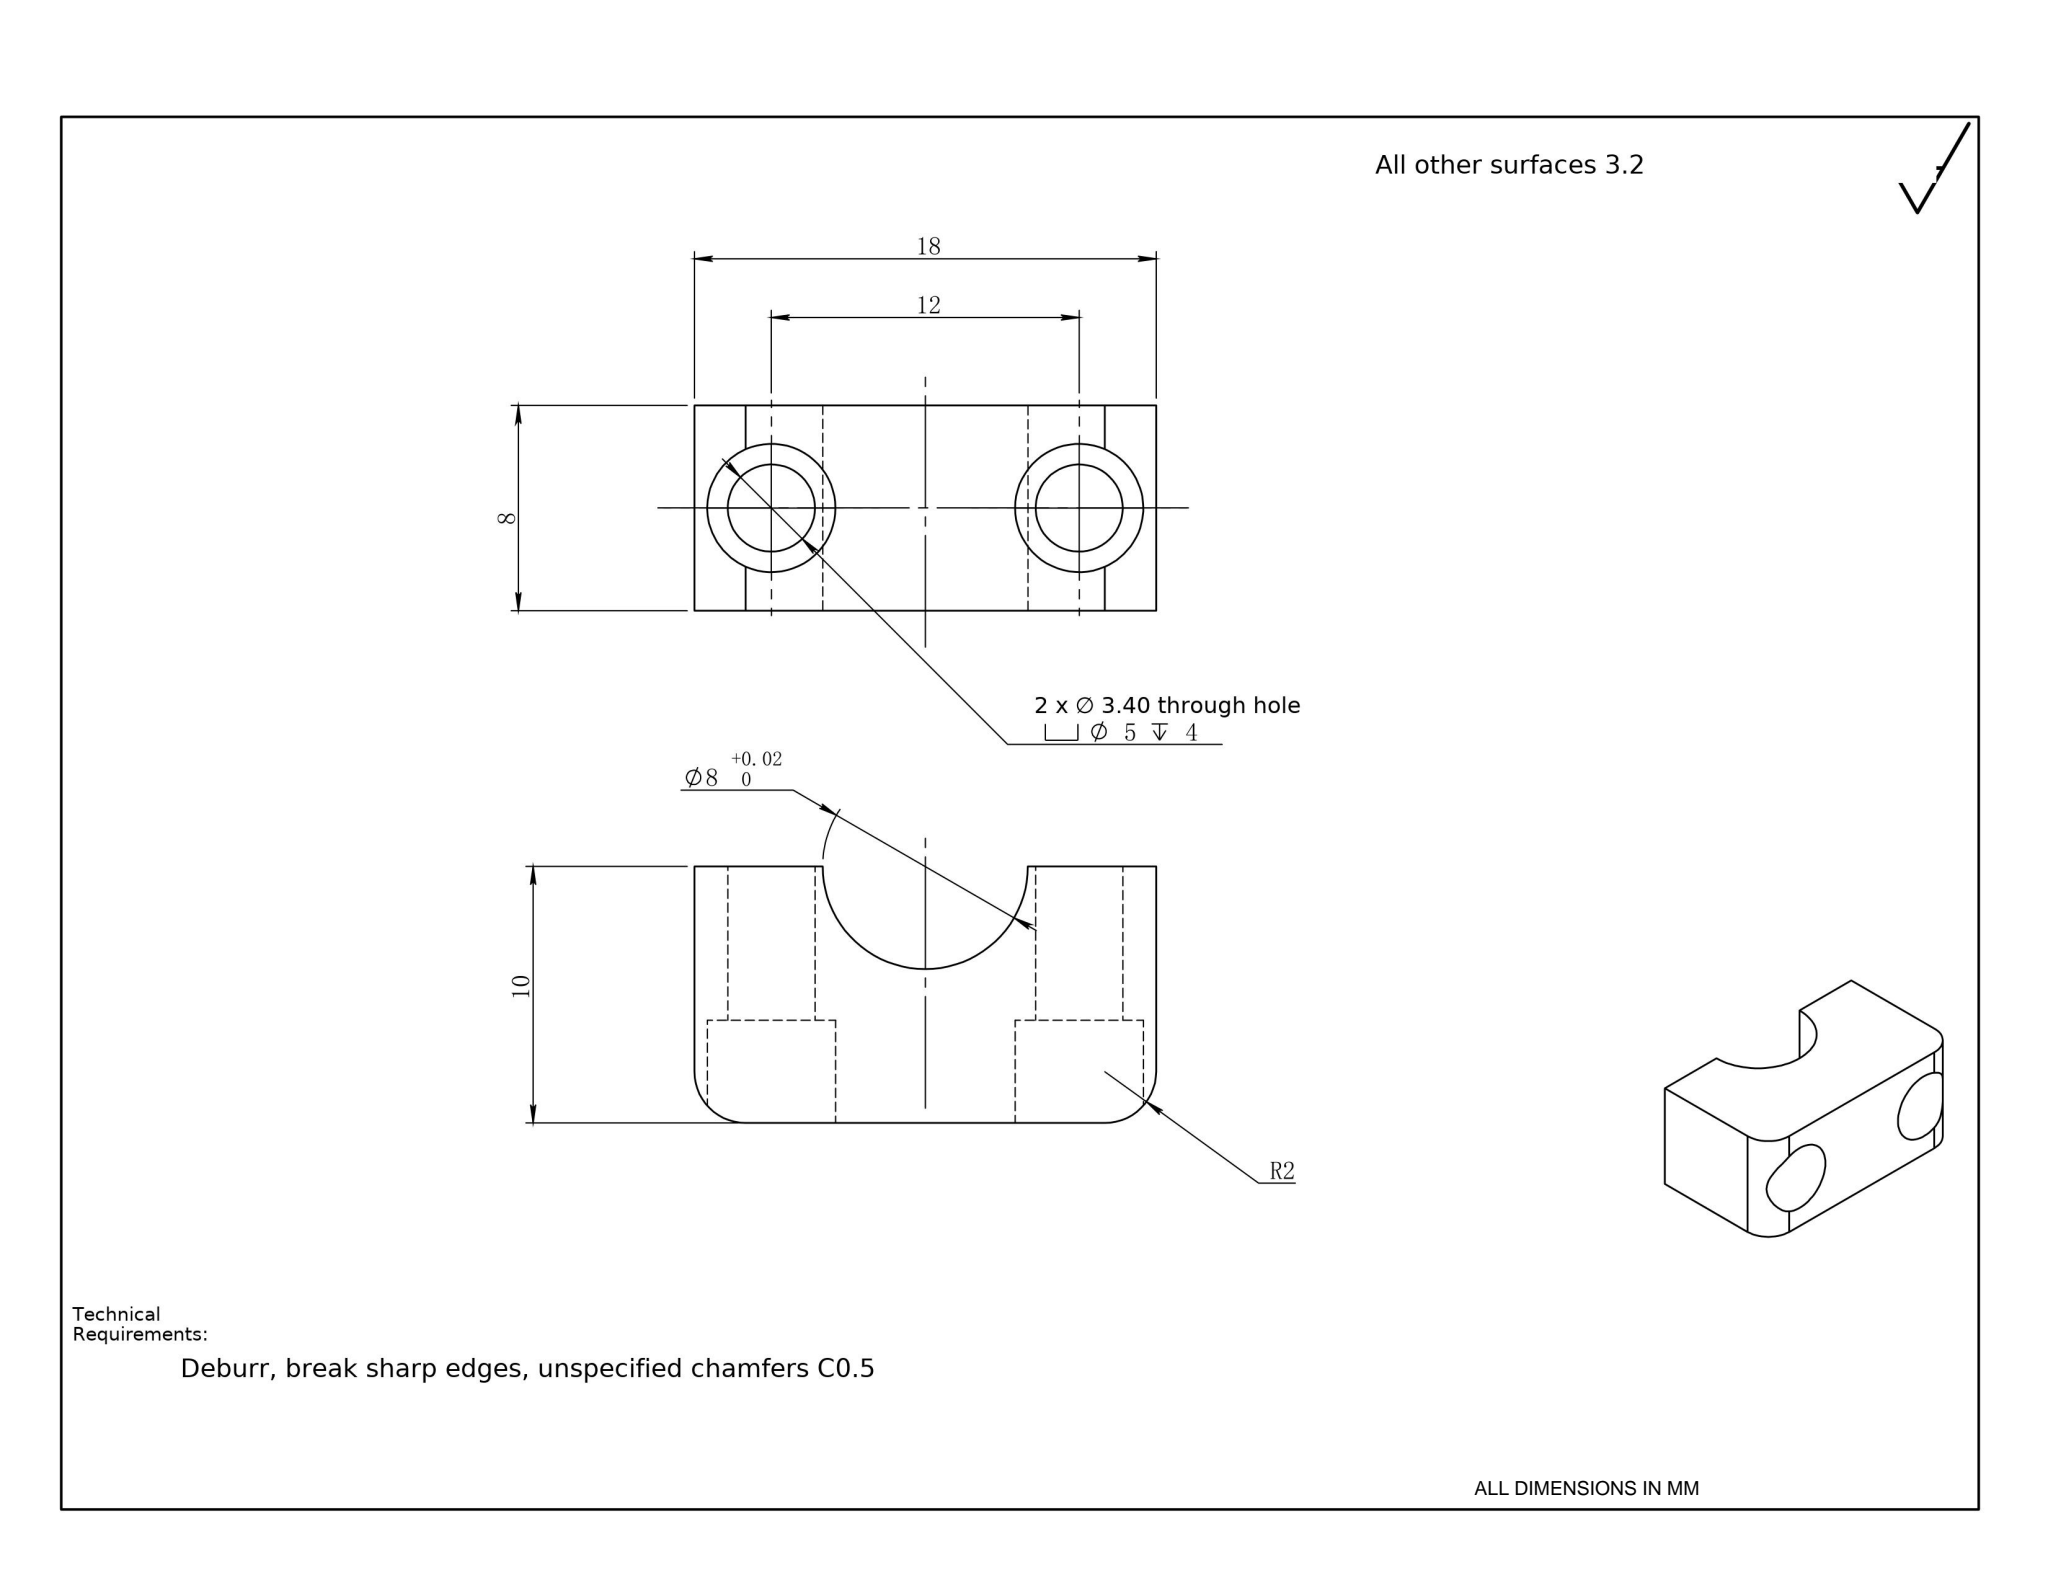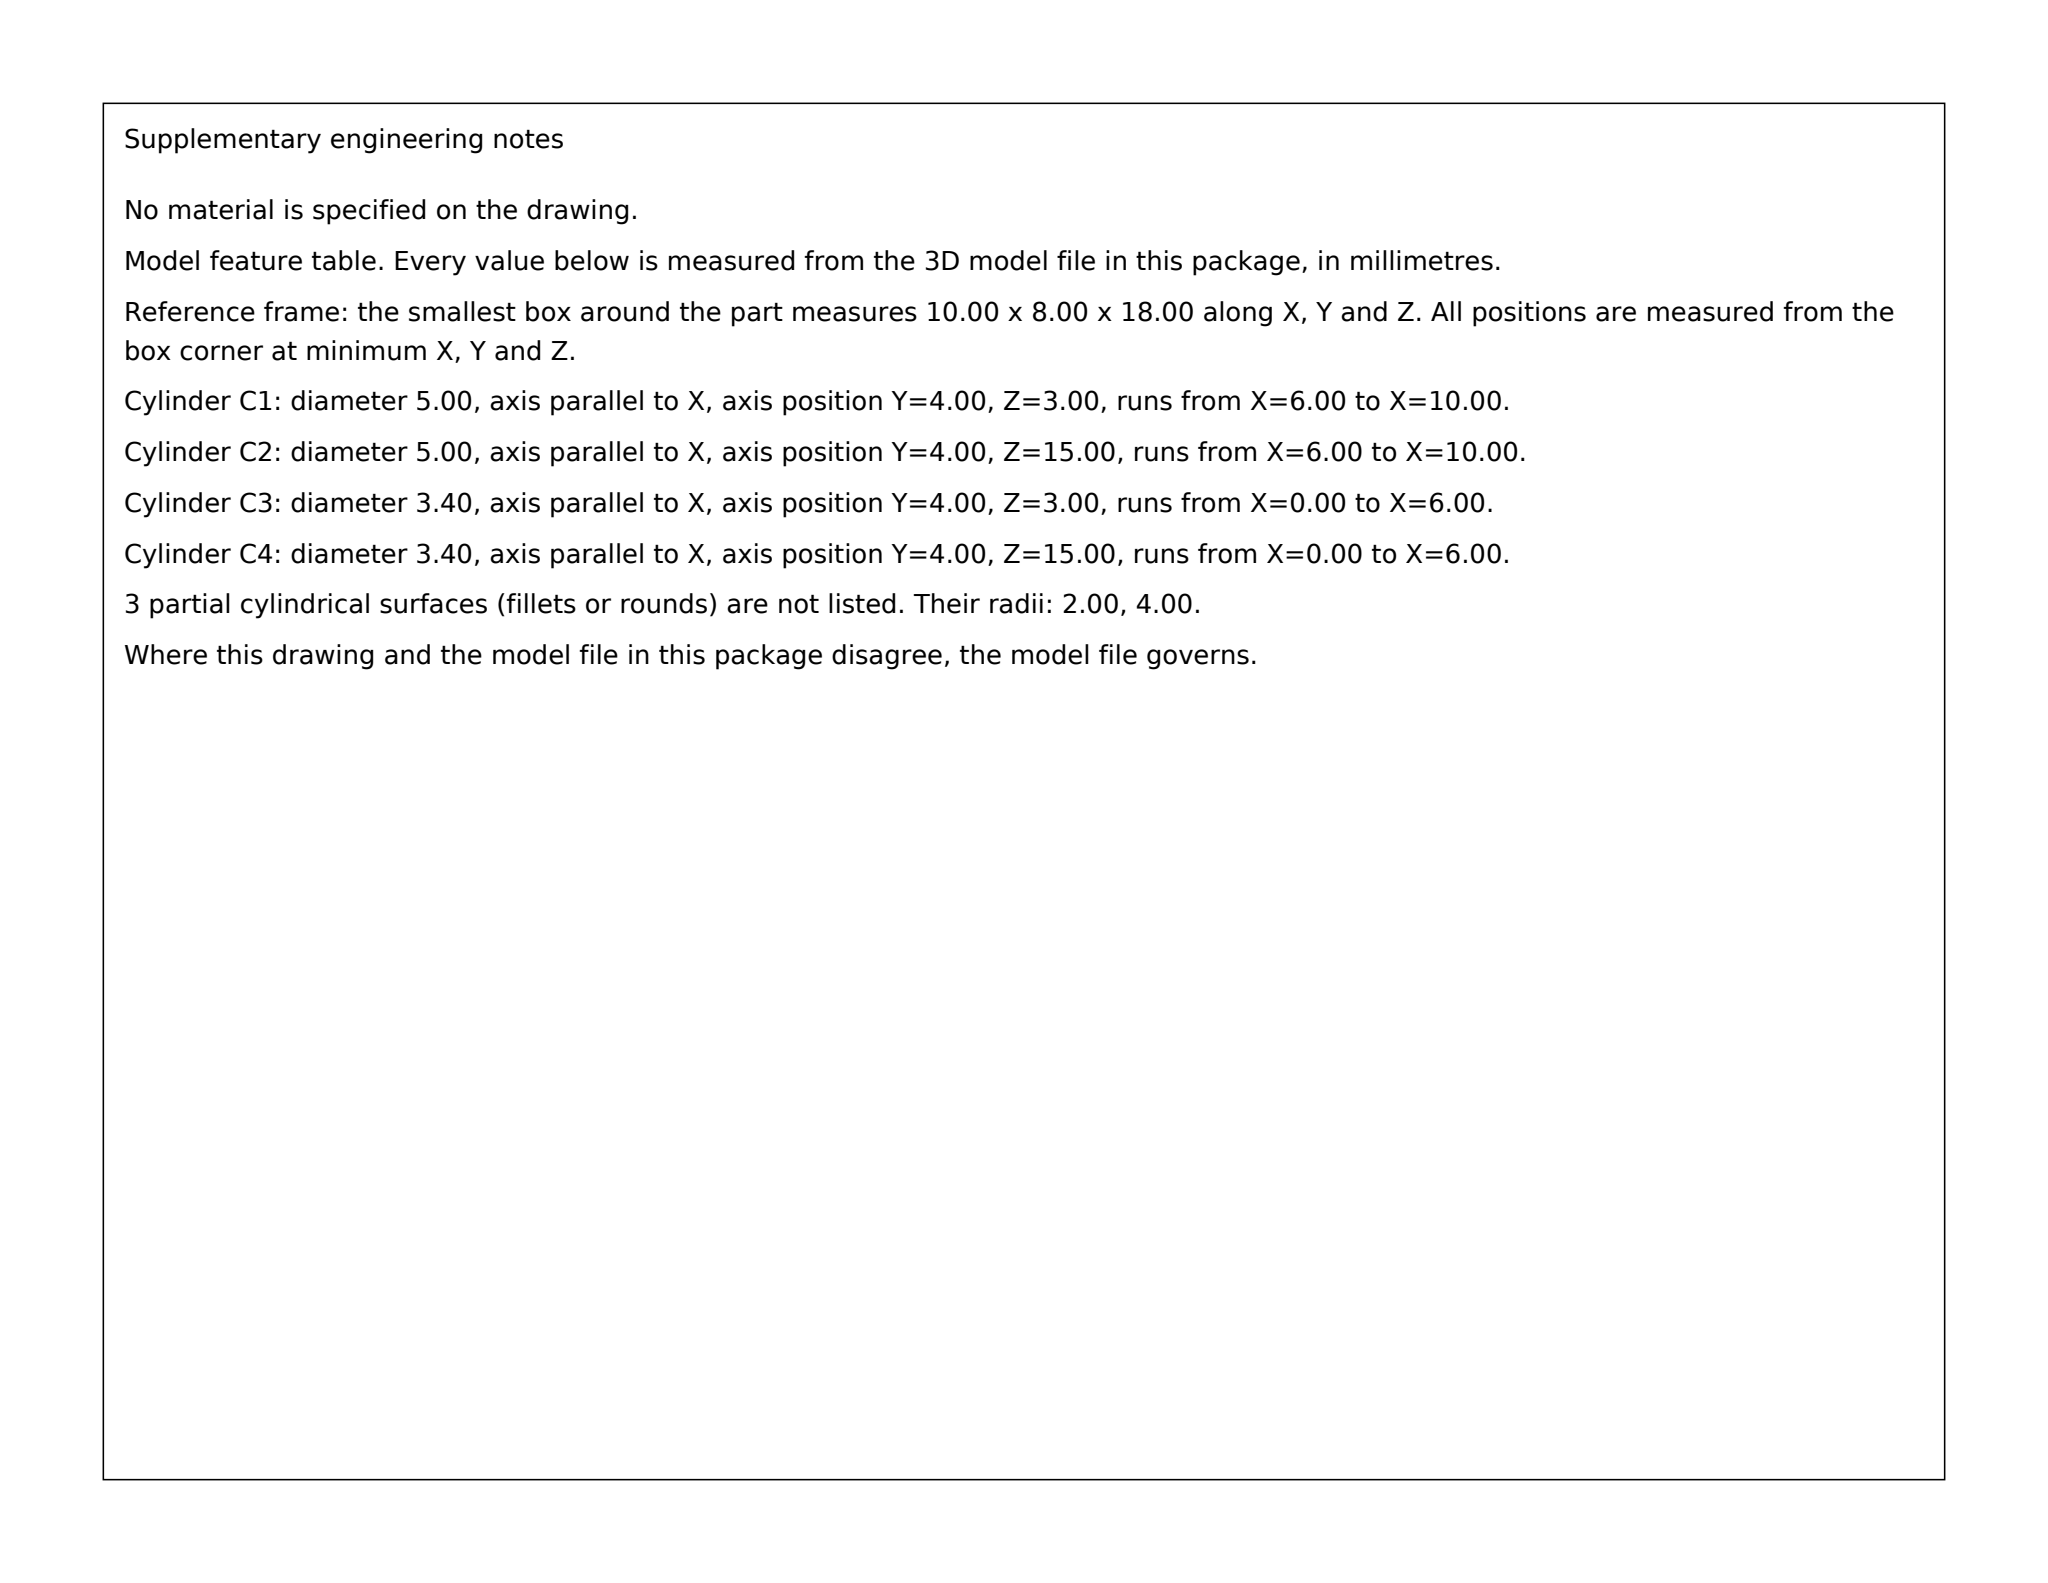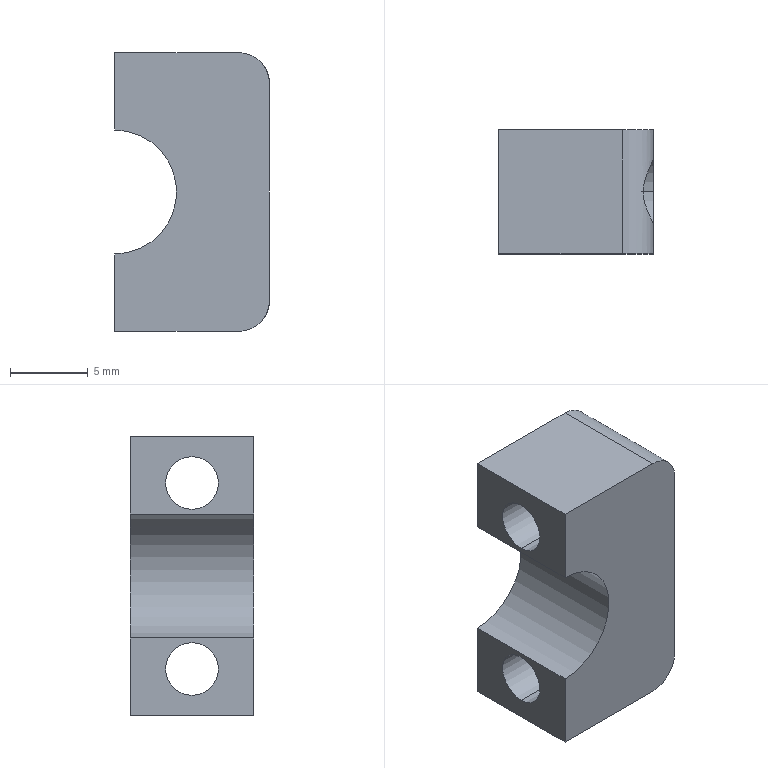Part | SolidWorks | mm | 1 solid | 20 faces | box 10 x 8 x 18 mm | volume 961 mm3 | cylinder 11 | plane 9 | commonest cylinder face diameters 5 x4 3.4 x4 4 x2 8 x1
STEP:
#1=CARTESIAN_POINT('',(1.,0.,8.5));
#2=VERTEX_POINT('',#1);
#3=CARTESIAN_POINT('',(1.,0.,3.5));
#4=VERTEX_POINT('',#3);
#5=CARTESIAN_POINT('',(1.,0.,6.));
#6=DIRECTION('',(1.,0.,0.));
#7=DIRECTION('',(0.,0.,-1.));
#8=AXIS2_PLACEMENT_3D('',#5,#6,#7);
#9=CIRCLE('',#8,2.5);
#10=EDGE_CURVE('',#2,#4,#9,.T.);
#11=ORIENTED_EDGE('',*,*,#10,.F.);
#12=CARTESIAN_POINT('',(4.323,0.,8.5));
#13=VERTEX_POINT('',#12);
■ ■ ■ ■ ■
- The problem
Exactly as written, give the entries above again, with no images.

- Reply to the exercise
Part | SolidWorks | mm | 1 solid | 20 faces | box 10 x 8 x 18 mm | volume 961 mm3 | cylinder 11 | plane 9 | commonest cylinder face diameters 5 x4 3.4 x4 4 x2 8 x1
STEP:
#1=CARTESIAN_POINT('',(1.,0.,8.5));
#2=VERTEX_POINT('',#1);
#3=CARTESIAN_POINT('',(1.,0.,3.5));
#4=VERTEX_POINT('',#3);
#5=CARTESIAN_POINT('',(1.,0.,6.));
#6=DIRECTION('',(1.,0.,0.));
#7=DIRECTION('',(0.,0.,-1.));
#8=AXIS2_PLACEMENT_3D('',#5,#6,#7);
#9=CIRCLE('',#8,2.5);
#10=EDGE_CURVE('',#2,#4,#9,.T.);
#11=ORIENTED_EDGE('',*,*,#10,.F.);
#12=CARTESIAN_POINT('',(4.323,0.,8.5));
#13=VERTEX_POINT('',#12);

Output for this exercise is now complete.